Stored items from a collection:
++++
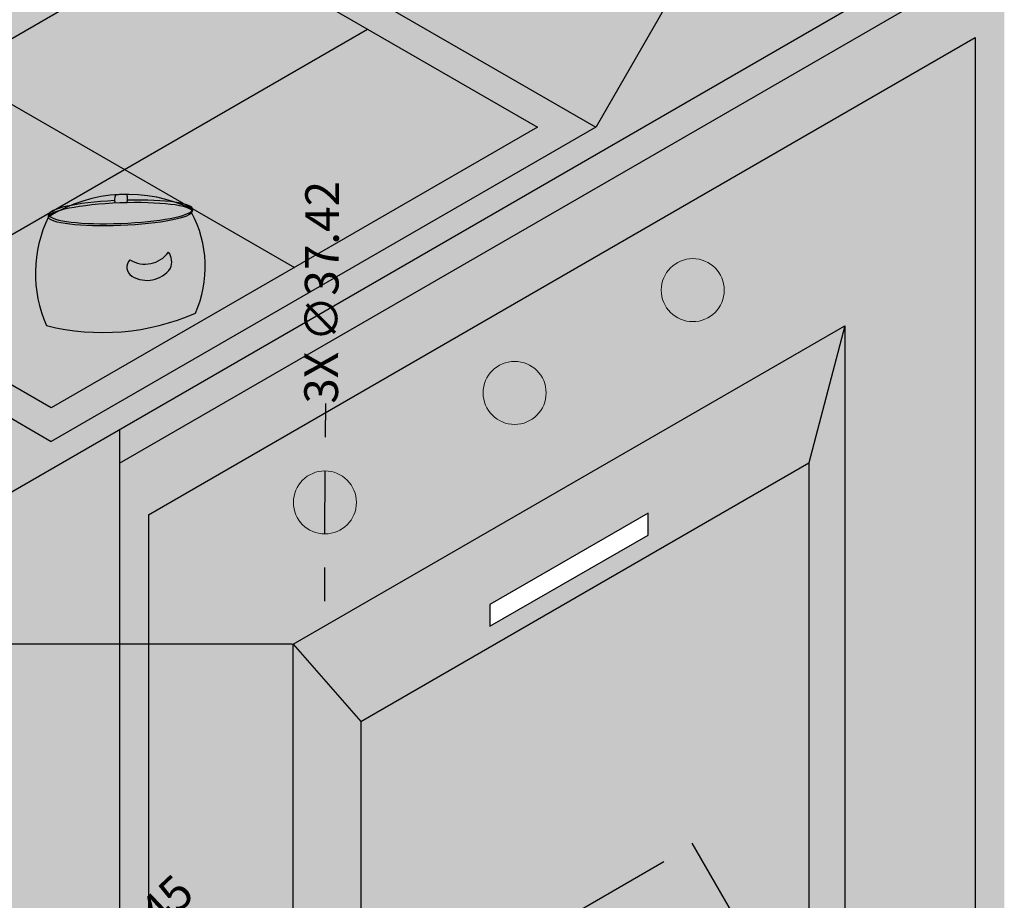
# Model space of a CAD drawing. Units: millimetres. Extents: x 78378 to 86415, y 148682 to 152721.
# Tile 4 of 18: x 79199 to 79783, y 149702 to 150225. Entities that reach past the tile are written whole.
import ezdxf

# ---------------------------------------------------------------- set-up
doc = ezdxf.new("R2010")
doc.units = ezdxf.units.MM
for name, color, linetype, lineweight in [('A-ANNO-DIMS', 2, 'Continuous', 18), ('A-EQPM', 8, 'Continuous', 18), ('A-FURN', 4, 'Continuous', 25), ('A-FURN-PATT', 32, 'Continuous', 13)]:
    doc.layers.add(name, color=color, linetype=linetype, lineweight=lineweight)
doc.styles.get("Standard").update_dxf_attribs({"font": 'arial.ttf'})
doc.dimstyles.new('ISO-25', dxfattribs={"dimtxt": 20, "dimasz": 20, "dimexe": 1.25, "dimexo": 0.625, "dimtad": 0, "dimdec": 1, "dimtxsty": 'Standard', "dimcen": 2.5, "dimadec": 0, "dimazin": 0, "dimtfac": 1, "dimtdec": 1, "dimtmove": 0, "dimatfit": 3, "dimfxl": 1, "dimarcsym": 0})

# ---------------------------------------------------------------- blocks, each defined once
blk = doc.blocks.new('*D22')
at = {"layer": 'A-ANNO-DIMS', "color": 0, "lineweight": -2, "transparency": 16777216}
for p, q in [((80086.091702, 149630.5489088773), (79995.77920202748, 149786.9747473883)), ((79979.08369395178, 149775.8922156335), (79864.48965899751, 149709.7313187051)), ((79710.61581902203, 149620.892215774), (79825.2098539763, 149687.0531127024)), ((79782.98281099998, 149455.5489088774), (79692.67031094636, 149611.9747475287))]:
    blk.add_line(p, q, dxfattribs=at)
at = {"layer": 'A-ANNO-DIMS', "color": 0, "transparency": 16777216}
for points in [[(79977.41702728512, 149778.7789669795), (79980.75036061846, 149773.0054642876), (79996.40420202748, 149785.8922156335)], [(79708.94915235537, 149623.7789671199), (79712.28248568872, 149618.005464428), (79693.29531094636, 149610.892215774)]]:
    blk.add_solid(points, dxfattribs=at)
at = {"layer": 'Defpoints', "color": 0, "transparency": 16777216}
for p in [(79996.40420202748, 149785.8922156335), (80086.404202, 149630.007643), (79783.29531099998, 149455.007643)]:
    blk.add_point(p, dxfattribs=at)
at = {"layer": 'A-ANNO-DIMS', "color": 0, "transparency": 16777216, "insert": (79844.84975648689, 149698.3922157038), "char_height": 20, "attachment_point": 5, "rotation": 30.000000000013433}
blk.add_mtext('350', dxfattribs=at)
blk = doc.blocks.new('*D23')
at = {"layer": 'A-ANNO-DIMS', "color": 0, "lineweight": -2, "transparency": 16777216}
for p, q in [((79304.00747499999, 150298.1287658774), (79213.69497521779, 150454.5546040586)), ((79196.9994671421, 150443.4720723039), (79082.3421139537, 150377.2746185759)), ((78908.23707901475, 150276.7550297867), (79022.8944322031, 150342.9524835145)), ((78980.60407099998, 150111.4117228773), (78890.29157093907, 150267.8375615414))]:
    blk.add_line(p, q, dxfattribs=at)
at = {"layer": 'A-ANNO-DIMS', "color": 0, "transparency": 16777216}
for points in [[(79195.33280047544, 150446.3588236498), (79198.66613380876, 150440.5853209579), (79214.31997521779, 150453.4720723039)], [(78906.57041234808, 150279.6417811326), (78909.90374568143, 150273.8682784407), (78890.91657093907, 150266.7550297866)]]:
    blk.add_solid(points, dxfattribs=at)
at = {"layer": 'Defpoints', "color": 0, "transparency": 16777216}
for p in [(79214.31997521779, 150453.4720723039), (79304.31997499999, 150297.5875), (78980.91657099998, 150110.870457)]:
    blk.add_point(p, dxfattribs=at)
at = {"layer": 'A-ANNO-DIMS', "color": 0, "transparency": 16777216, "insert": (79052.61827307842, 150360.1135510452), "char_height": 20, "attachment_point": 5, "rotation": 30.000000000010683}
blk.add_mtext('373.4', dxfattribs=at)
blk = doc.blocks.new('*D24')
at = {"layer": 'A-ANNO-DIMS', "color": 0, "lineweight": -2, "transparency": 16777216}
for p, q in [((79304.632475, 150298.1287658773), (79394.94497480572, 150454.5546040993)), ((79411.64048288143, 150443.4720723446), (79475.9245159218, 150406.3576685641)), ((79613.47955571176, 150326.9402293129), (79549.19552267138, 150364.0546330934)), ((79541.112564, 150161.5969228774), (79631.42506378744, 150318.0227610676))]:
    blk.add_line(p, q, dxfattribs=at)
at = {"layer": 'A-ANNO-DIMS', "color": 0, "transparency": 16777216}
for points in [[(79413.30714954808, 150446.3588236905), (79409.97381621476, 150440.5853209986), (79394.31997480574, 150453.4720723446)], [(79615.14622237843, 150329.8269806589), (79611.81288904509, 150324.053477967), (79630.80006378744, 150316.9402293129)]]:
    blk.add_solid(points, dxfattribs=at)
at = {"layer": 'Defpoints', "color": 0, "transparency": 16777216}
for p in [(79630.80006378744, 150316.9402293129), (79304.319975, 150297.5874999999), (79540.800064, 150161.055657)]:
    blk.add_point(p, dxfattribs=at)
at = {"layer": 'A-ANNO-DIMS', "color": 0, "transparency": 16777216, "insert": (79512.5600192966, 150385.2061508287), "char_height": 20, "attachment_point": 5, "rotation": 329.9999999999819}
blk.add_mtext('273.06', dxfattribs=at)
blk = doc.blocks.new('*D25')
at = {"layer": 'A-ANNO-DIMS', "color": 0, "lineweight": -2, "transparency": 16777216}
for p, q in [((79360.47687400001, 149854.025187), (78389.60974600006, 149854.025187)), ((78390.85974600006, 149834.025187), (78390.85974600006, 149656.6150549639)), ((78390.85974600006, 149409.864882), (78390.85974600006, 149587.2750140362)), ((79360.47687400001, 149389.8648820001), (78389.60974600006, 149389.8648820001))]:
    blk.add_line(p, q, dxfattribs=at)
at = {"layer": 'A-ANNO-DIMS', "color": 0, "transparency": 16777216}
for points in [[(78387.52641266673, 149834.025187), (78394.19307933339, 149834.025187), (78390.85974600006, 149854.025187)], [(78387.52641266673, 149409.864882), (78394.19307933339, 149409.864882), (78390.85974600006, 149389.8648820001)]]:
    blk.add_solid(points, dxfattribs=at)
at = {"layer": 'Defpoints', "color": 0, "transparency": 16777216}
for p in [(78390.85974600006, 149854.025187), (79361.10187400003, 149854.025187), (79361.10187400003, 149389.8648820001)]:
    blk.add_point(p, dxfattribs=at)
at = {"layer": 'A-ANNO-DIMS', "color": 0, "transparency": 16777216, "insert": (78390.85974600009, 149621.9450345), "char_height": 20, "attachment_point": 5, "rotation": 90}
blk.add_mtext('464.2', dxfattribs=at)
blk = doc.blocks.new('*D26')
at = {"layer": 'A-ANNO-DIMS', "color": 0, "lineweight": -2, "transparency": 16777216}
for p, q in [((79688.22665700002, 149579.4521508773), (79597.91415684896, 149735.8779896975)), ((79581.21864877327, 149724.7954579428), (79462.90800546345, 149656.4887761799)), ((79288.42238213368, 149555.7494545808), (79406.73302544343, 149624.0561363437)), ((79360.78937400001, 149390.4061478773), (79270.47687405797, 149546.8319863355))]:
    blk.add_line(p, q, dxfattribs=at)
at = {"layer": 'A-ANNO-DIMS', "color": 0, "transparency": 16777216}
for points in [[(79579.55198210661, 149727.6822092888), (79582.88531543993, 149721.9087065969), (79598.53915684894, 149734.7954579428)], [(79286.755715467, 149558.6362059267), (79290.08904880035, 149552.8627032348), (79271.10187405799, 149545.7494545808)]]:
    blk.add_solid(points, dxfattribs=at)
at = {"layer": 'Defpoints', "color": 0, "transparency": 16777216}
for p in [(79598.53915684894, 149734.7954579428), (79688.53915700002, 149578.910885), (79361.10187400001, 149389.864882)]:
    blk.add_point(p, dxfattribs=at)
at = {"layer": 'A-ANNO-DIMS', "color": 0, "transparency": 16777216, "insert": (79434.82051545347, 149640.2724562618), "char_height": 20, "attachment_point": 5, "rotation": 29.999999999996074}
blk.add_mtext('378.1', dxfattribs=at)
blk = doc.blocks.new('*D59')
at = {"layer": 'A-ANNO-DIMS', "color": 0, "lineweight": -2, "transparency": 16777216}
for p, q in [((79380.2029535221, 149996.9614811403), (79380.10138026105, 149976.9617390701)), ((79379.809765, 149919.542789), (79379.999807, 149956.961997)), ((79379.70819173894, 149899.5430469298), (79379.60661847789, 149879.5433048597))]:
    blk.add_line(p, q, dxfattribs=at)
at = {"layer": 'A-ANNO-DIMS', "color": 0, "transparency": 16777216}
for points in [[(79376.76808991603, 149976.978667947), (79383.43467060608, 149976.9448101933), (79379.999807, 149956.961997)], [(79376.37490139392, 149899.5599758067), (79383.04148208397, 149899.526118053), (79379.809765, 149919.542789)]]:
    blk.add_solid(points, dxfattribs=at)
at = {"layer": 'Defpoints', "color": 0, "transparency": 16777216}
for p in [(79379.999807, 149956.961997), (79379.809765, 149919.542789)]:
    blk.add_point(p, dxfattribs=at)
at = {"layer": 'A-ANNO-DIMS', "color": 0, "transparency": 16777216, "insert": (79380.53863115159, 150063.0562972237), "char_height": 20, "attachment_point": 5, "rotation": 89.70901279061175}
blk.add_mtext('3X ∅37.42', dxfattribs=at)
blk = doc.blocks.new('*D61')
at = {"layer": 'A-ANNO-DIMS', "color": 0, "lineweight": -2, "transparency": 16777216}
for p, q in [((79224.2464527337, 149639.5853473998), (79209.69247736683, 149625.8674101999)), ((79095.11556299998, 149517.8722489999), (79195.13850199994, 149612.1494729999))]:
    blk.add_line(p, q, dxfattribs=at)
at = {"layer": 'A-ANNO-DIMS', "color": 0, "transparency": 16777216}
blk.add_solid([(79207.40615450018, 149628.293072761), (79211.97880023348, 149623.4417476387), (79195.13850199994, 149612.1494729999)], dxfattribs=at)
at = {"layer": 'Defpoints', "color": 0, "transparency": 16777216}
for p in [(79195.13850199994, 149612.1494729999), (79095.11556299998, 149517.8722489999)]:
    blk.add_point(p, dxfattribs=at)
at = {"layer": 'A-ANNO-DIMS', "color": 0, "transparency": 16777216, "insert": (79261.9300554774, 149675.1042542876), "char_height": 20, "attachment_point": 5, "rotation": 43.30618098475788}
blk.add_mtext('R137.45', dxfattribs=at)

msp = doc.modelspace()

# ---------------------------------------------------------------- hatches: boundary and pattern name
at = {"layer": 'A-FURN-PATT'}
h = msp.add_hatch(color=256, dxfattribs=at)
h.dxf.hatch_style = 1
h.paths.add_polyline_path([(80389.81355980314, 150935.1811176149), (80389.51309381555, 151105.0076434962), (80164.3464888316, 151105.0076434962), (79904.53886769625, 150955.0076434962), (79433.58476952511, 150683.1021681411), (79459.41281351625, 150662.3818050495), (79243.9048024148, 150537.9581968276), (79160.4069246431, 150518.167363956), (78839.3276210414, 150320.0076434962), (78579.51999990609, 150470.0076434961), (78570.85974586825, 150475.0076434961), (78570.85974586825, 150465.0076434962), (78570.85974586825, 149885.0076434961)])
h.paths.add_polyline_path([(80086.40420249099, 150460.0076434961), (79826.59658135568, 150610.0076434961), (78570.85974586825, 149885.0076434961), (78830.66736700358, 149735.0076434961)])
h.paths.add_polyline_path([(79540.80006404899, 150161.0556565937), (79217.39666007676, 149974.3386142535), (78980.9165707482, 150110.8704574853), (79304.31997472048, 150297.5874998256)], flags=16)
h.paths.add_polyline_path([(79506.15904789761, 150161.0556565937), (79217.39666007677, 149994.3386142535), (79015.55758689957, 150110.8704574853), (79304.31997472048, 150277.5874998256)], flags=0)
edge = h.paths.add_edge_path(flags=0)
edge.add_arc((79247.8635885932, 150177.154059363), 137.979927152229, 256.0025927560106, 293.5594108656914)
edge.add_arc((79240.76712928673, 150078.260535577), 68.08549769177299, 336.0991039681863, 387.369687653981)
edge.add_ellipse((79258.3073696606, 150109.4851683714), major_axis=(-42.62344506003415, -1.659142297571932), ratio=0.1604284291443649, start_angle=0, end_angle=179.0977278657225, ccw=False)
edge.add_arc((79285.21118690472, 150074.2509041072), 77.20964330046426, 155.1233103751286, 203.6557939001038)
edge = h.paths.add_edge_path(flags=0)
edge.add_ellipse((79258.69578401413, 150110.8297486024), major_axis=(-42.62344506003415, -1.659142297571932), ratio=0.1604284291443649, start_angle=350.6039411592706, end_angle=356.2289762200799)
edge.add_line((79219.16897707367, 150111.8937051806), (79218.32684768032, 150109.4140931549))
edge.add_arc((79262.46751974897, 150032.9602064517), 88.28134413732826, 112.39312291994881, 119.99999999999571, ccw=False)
++++
◆ **WORK REQUIRED**
All lines of the records above that contain the word "Standard" are to be copied out.

◆ **TASK SOLUTION**
doc.styles.get("Standard").update_dxf_attribs({"font": 'arial.ttf'})
doc.dimstyles.new('ISO-25', dxfattribs={"dimtxt": 20, "dimasz": 20, "dimexe": 1.25, "dimexo": 0.625, "dimtad": 0, "dimdec": 1, "dimtxsty": 'Standard', "dimcen": 2.5, "dimadec": 0, "dimazin": 0, "dimtfac": 1, "dimtdec": 1, "dimtmove": 0, "dimatfit": 3, "dimfxl": 1, "dimarcsym": 0})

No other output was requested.